◆ Data records
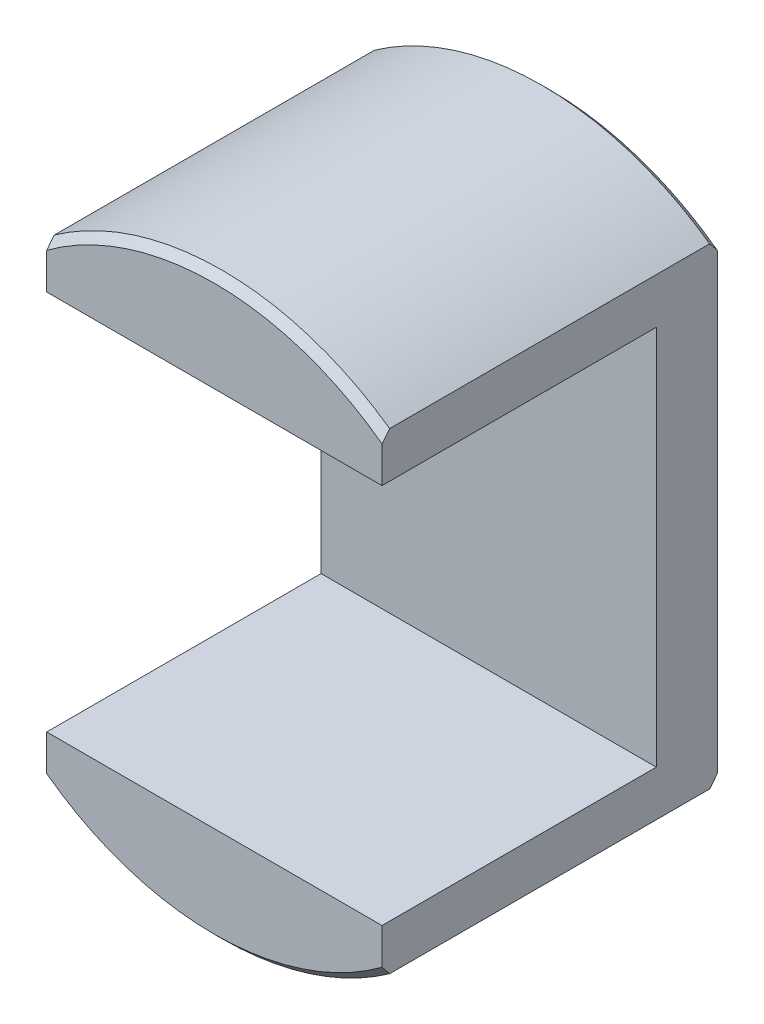
from build123d import *

# Parameters (mm, degrees)
BOSS_EXTRUDE1_DEPTH = 22
SKETCH2_W           = 22
SKETCH2_H           = 25
CUT_EXTRUDE1_DEPTH  = 18
CHAMFER1_SIZE       = 0.5


with BuildPart() as part:
    # Sketch1 → Boss-Extrude1 (new body)
    with BuildSketch(Plane.XY):
        with BuildLine():
            Line((11, -15.491933385), (11, 15.491933385))
            ThreePointArc((11, 15.491933385), (0, 19), (-11, 15.491933385))
            Line((-11, 15.491933385), (-11, -15.491933385))
            ThreePointArc((-11, -15.491933385), (0, -19), (11, -15.491933385))
        make_face()
    extrude(amount=BOSS_EXTRUDE1_DEPTH)

    # Sketch2 → Cut-Extrude1 (cut)
    with BuildSketch(Plane.XY.offset(22)):
        Rectangle(SKETCH2_W, SKETCH2_H)
    extrude(amount=-CUT_EXTRUDE1_DEPTH, mode=Mode.SUBTRACT)

    # Chamfer1
    chamfer1_edges = [part.edges().sort_by_distance(p)[0] for p in [
        (0, 19, 22),
        (0, -19, 22),
        (0, 19, 0),
        (0, -19, 0),
    ]]
    chamfer(chamfer1_edges, length=CHAMFER1_SIZE)


solid = part.part
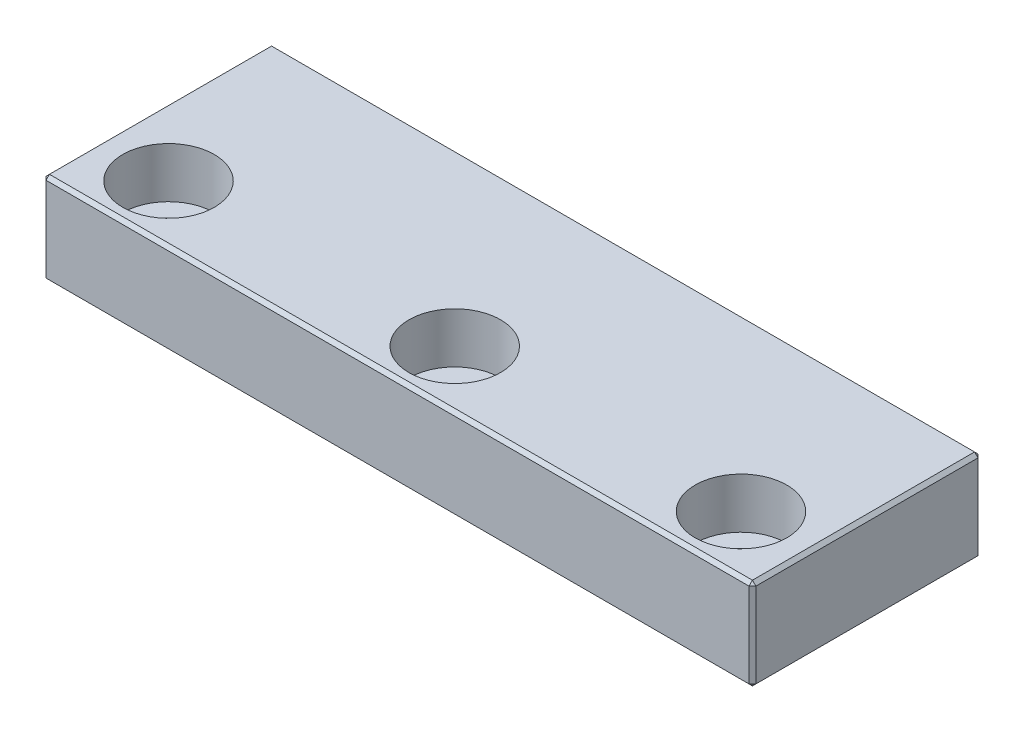
from build123d import *

# Parameters (mm, degrees)
SKETCH_1_W                   = 62
SKETCH_1_H                   = 20
EXTRUDE_1_DEPTH              = 8
HOLE_WIZARD_M4_1_D           = 4.5
HOLE_WIZARD_M4_1_CBORE_D     = 8
HOLE_WIZARD_M4_1_CBORE_DEPTH = 4.4
CHAMFER_1_SIZE               = 0.3


with BuildPart() as part:
    # 草图1 → 凸台-拉伸1 (new body)
    with BuildSketch(Plane(origin=(0, 0, 0), x_dir=(1, 0, 0), z_dir=(0, 1, 0))):
        Rectangle(SKETCH_1_W, SKETCH_1_H)
    extrude(amount=EXTRUDE_1_DEPTH)

    # M4 六角凹头螺钉的柱形沉头孔1 (through all)
    with Locations(Plane(origin=(0, 8, 0), x_dir=(1, 0, 0), z_dir=(0, 1, 0))):
        with Locations((-25, -5), (0, -5), (25, -5)):
            CounterBoreHole(HOLE_WIZARD_M4_1_D / 2, HOLE_WIZARD_M4_1_CBORE_D / 2, HOLE_WIZARD_M4_1_CBORE_DEPTH)

    # 倒角1
    chamfer_1_edges = [part.edges().sort_by_distance(p)[0] for p in [
        (-31, 8, 0),
        (0, 8, 10),
        (31, 8, 0),
        (0, 0, 10),
        (-31, 0, 0),
        (0, 0, -10),
        (31, 0, 0),
        (0, 8, -10),
        (31, 4, 10),
        (-31, 4, 10),
        (-31, 4, -10),
        (31, 4, -10),
    ]]
    chamfer(chamfer_1_edges, length=CHAMFER_1_SIZE)


solid = part.part

◆ Task item
All lines of the records above with the word "BuildSketch" in them are to be copied.

◆ Answer space
    with BuildSketch(Plane.XY):
    with BuildSketch(Plane.XY.offset(22)):
    with BuildSketch(Plane(origin=(0, 0, 0), x_dir=(1, 0, 0), z_dir=(0, 1, 0))):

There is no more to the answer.